Dataset records:
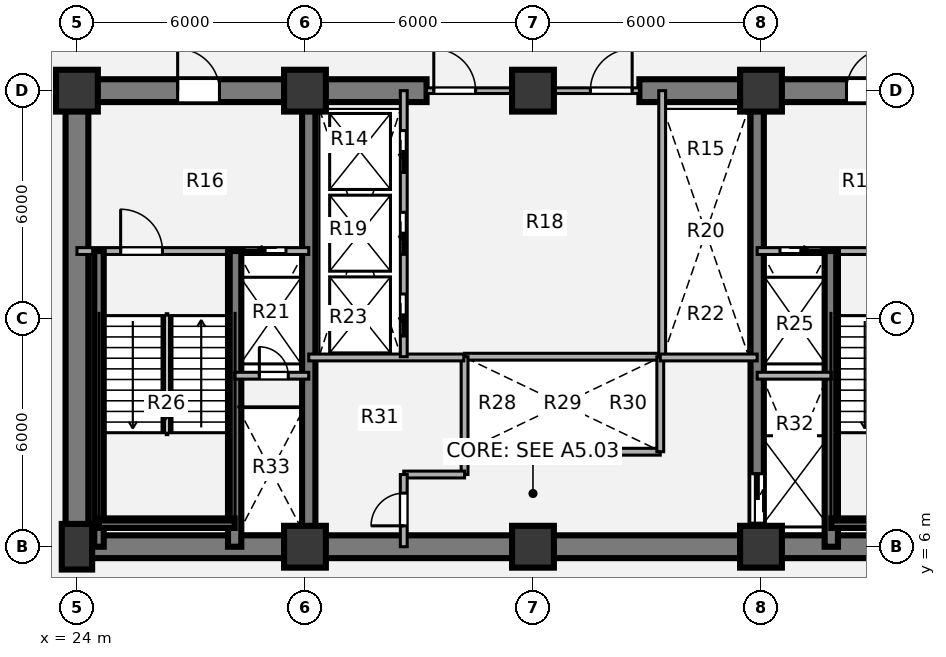
"""IFC4 building model, lengths in metres.
Left out: names, types, materials, properties, quantities, classifications, styles, units other than length and angle.
Written with IfcOpenShell. Run it as: python <this file> out.ifc"""

import sys

from ifc_helpers import new_model, si_unit, direction, frame, frame_2d, origin, origin_2d, place, context, subcontext, project, spatial, rectangle, extrude, source, transform, mapped, element, fill, save


model = new_model("IFC4")
c1 = context("Model", 3, precision=1e-05, world=origin(), true_north=direction((0.0, 1.0)))
c2 = subcontext(c1, "Body", "Model", "MODEL_VIEW")
j1 = project(units=[si_unit("LENGTHUNIT", "METRE"), si_unit("PLANEANGLEUNIT", "RADIAN")], contexts=[c1])
p1 = place(None, origin())
s1 = spatial("IfcSite", under=j1, at=p1, CompositionType="ELEMENT")
p2 = place(p1, origin())
s2 = spatial("IfcBuilding", under=s1, at=p2, CompositionType="ELEMENT")
p3 = place(p2, frame((0.0, 0.0, 5.4)))
s3 = spatial("IfcBuildingStorey", under=s2, at=p3, CompositionType="ELEMENT", Elevation=5.4)
m1 = source(origin(), c2, "Body", "SweptSolid", [
    extrude(rectangle(XDim=0.8, YDim=1.2, at=origin_2d()), origin(), (0.0, 0.0, 1.0), 4.32),
])
p4 = place(p3, frame((24.0, 6.0, 0.0), z_axis=(0.0, 0.0, 1.0), x_axis=(1.0, 0.0, 0.0)))
e1 = element("IfcColumn", 1, at=p4, inside=s3, PredefinedType="COLUMN", context=c2, shape_type="MappedRepresentation", body=[
    mapped(m1, transform((0.0, 0.0, 0.0), x_axis=(1.0, 0.0, 0.0), y_axis=(0.0, 1.0, 0.0), z_axis=(0.0, 0.0, 1.0), scale=1.0)),
])
m2 = source(origin(), c2, "Body", "SweptSolid", [
    extrude(rectangle(XDim=1.1, YDim=1.1, at=origin_2d()), origin(), (0.0, 0.0, 1.0), 4.32),
])
for number, where, z_axis, x_axis in (
    (2, (30.0, 6.0, 0.0), (0.0, 0.0, 1.0), (1.0, 0.0, 0.0)),
    (3, (36.0, 6.0, 0.0), (0.0, 0.0, 1.0), (1.0, 0.0, 0.0)),
    (4, (42.0, 6.0, 0.0), (0.0, 0.0, 1.0), (1.0, 0.0, 0.0)),
    (5, (24.0, 18.0, 0.0), (0.0, 0.0, 1.0), (1.0, 0.0, 0.0)),
    (6, (30.0, 18.0, 0.0), (0.0, 0.0, 1.0), (1.0, 0.0, 0.0)),
    (7, (36.0, 18.0, 0.0), (0.0, 0.0, 1.0), (1.0, 0.0, 0.0)),
    (8, (42.0, 18.0, 0.0), (0.0, 0.0, 1.0), (1.0, 0.0, 0.0)),
):
    element("IfcColumn", number, at=place(p3, frame(where, z_axis=z_axis, x_axis=x_axis)), inside=s3, PredefinedType="COLUMN", context=c2, shape_type="MappedRepresentation", body=[
        mapped(m2, transform((0.0, 0.0, 0.0), x_axis=(1.0, 0.0, 0.0), y_axis=(0.0, 1.0, 0.0), z_axis=(0.0, 0.0, 1.0), scale=1.0)),
    ])
p5 = place(p3, frame((48.3, 6.0, 0.0), z_axis=(0.0, 0.0, 1.0), x_axis=(-1.0, 0.0, 0.0)))
e9 = element("IfcWall", 9, at=p5, inside=s3, PredefinedType="SHEAR", context=c2, shape_type="SweptSolid", body=[
    extrude(rectangle(XDim=24.6, YDim=0.6, at=frame_2d((12.3, 0.0))), origin(), (0.0, 0.0, 1.0), 4.32),
])
p6 = place(p3, frame((24.0, 6.0, 0.0), z_axis=(0.0, 0.0, 1.0), x_axis=(0.0, 1.0, 0.0)))
e10 = element("IfcWall", 10, at=p6, inside=s3, PredefinedType="SHEAR", context=c2, shape_type="SweptSolid", body=[
    extrude(rectangle(XDim=12.0, YDim=0.6, at=frame_2d((6.0, 0.0))), origin(), (0.0, 0.0, 1.0), 4.32),
])
p7 = place(p3, frame((23.7, 18.0, 0.0), z_axis=(0.0, 0.0, 1.0), x_axis=(1.0, 0.0, 0.0)))
e11 = element("IfcWall", 11, at=p7, inside=s3, PredefinedType="SHEAR", context=c2, shape_type="SweptSolid", body=[
    extrude(rectangle(XDim=9.5, YDim=0.6, at=frame_2d((4.75, 0.0))), origin(), (0.0, 0.0, 1.0), 4.32),
])
p8 = place(p7, frame((2.95, 0.0, 0.0)))
e12 = element("IfcOpeningElement", 12, at=p8, cuts=e11, PredefinedType="OPENING", context=c2, shape_type="SweptSolid", body=[
    extrude(rectangle(XDim=1.1, YDim=2.1, at=origin_2d()), frame((0.55, 0.31, 1.05), z_axis=(0.0, -1.0, 0.0), x_axis=(1.0, 0.0, 0.0)), (0.0, 0.0, 1.0), 0.62),
])
p9 = place(p3, frame((38.8, 18.0, 0.0), z_axis=(0.0, 0.0, 1.0), x_axis=(1.0, 0.0, 0.0)))
e13 = element("IfcWall", 13, at=p9, inside=s3, PredefinedType="SHEAR", context=c2, shape_type="SweptSolid", body=[
    extrude(rectangle(XDim=9.5, YDim=0.6, at=frame_2d((4.75, 0.0))), origin(), (0.0, 0.0, 1.0), 4.32),
])
p10 = place(p9, frame((5.45, 0.0, 0.0)))
e14 = element("IfcOpeningElement", 14, at=p10, cuts=e13, PredefinedType="OPENING", context=c2, shape_type="SweptSolid", body=[
    extrude(rectangle(XDim=1.1, YDim=2.1, at=origin_2d()), frame((0.55, 0.31, 1.05), z_axis=(0.0, -1.0, 0.0), x_axis=(1.0, 0.0, 0.0)), (0.0, 0.0, 1.0), 0.62),
])
p11 = place(p3, frame((30.1, 6.0, 0.0), z_axis=(0.0, 0.0, 1.0), x_axis=(0.0, 1.0, 0.0)))
e15 = element("IfcWall", 15, at=p11, inside=s3, PredefinedType="SHEAR", context=c2, shape_type="SweptSolid", body=[
    extrude(rectangle(XDim=12.0, YDim=0.35, at=frame_2d((6.0, 0.0))), origin(), (0.0, 0.0, 1.0), 4.32),
])
p12 = place(p3, frame((41.9, 18.0, 0.0), z_axis=(0.0, 0.0, 1.0), x_axis=(0.0, -1.0, 0.0)))
e16 = element("IfcWall", 16, at=p12, inside=s3, PredefinedType="SHEAR", context=c2, shape_type="SweptSolid", body=[
    extrude(rectangle(XDim=12.0, YDim=0.35, at=frame_2d((6.0, 0.0))), origin(), (0.0, 0.0, 1.0), 4.32),
])
p13 = place(p12, frame((10.08, 0.0, 0.0)))
e17 = element("IfcOpeningElement", 17, at=p13, cuts=e16, PredefinedType="OPENING", context=c2, shape_type="SweptSolid", body=[
    extrude(rectangle(XDim=1.3, YDim=2.1, at=origin_2d()), frame((0.65, 0.185, 1.05), z_axis=(0.0, -1.0, 0.0), x_axis=(1.0, 0.0, 0.0)), (0.0, 0.0, 1.0), 0.37),
])
for number, where, z_axis, x_axis in (
    (18, (34.2, 11.0, 0.0), (0.0, 0.0, 1.0), (1.0, 0.0, 0.0)),
    (19, (34.2, 8.5, 0.0), (0.0, 0.0, 1.0), (1.0, 0.0, 0.0)),
):
    element("IfcWall", number, at=place(p3, frame(where, z_axis=z_axis, x_axis=x_axis)), inside=s3, PredefinedType="PARTITIONING", context=c2, shape_type="SweptSolid", body=[
        extrude(rectangle(XDim=5.15, YDim=0.18, at=frame_2d((2.575, 0.0))), origin(), (0.0, 0.0, 1.0), 4.01),
    ])
for number, where, z_axis, x_axis in (
    (20, (34.2, 8.5, 0.0), (0.0, 0.0, 1.0), (0.0, 1.0, 0.0)),
    (21, (39.35, 8.5, 0.0), (0.0, 0.0, 1.0), (0.0, 1.0, 0.0)),
):
    element("IfcWall", number, at=place(p3, frame(where, z_axis=z_axis, x_axis=x_axis)), inside=s3, PredefinedType="PARTITIONING", context=c2, shape_type="SweptSolid", body=[
        extrude(rectangle(XDim=2.5, YDim=0.18, at=frame_2d((1.25, 0.0))), origin(), (0.0, 0.0, 1.0), 4.01),
    ])
p14 = place(p3, frame((39.4, 11.0, 0.0), z_axis=(0.0, 0.0, 1.0), x_axis=(0.0, 1.0, 0.0)))
e22 = element("IfcWall", 22, at=p14, inside=s3, PredefinedType="PARTITIONING", context=c2, shape_type="SweptSolid", body=[
    extrude(rectangle(XDim=7.0, YDim=0.18, at=frame_2d((3.5, 0.0))), origin(), (0.0, 0.0, 1.0), 4.01),
])
p15 = place(p3, frame((30.1, 10.98, 0.0), z_axis=(0.0, 0.0, 1.0), x_axis=(1.0, 0.0, 0.0)))
e23 = element("IfcWall", 23, at=p15, inside=s3, PredefinedType="PARTITIONING", context=c2, shape_type="SweptSolid", body=[
    extrude(rectangle(XDim=4.08, YDim=0.18, at=frame_2d((2.04, 0.0))), origin(), (0.0, 0.0, 1.0), 4.01),
])
p16 = place(p3, frame((34.2, 7.9, 0.0), z_axis=(0.0, 0.0, 1.0), x_axis=(0.0, 1.0, 0.0)))
e24 = element("IfcWall", 24, at=p16, inside=s3, PredefinedType="PARTITIONING", context=c2, shape_type="SweptSolid", body=[
    extrude(rectangle(XDim=0.6, YDim=0.18, at=frame_2d((0.3, 0.0))), origin(), (0.0, 0.0, 1.0), 4.01),
])
p17 = place(p3, frame((32.6, 7.9, 0.0), z_axis=(0.0, 0.0, 1.0), x_axis=(1.0, 0.0, 0.0)))
e25 = element("IfcWall", 25, at=p17, inside=s3, PredefinedType="PARTITIONING", context=c2, shape_type="SweptSolid", body=[
    extrude(rectangle(XDim=1.6, YDim=0.18, at=frame_2d((0.8, 0.0))), origin(), (0.0, 0.0, 1.0), 4.01),
])
p18 = place(p3, frame((32.6, 6.0, 0.0), z_axis=(0.0, 0.0, 1.0), x_axis=(0.0, 1.0, 0.0)))
e26 = element("IfcWall", 26, at=p18, inside=s3, PredefinedType="PARTITIONING", context=c2, shape_type="SweptSolid", body=[
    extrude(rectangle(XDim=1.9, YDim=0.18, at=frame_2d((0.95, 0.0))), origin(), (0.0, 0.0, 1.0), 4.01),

§ **What you need to do**:
Using the records above, report how many lines include "direction", with no words around the number.

§ **Result of this exercise**:
2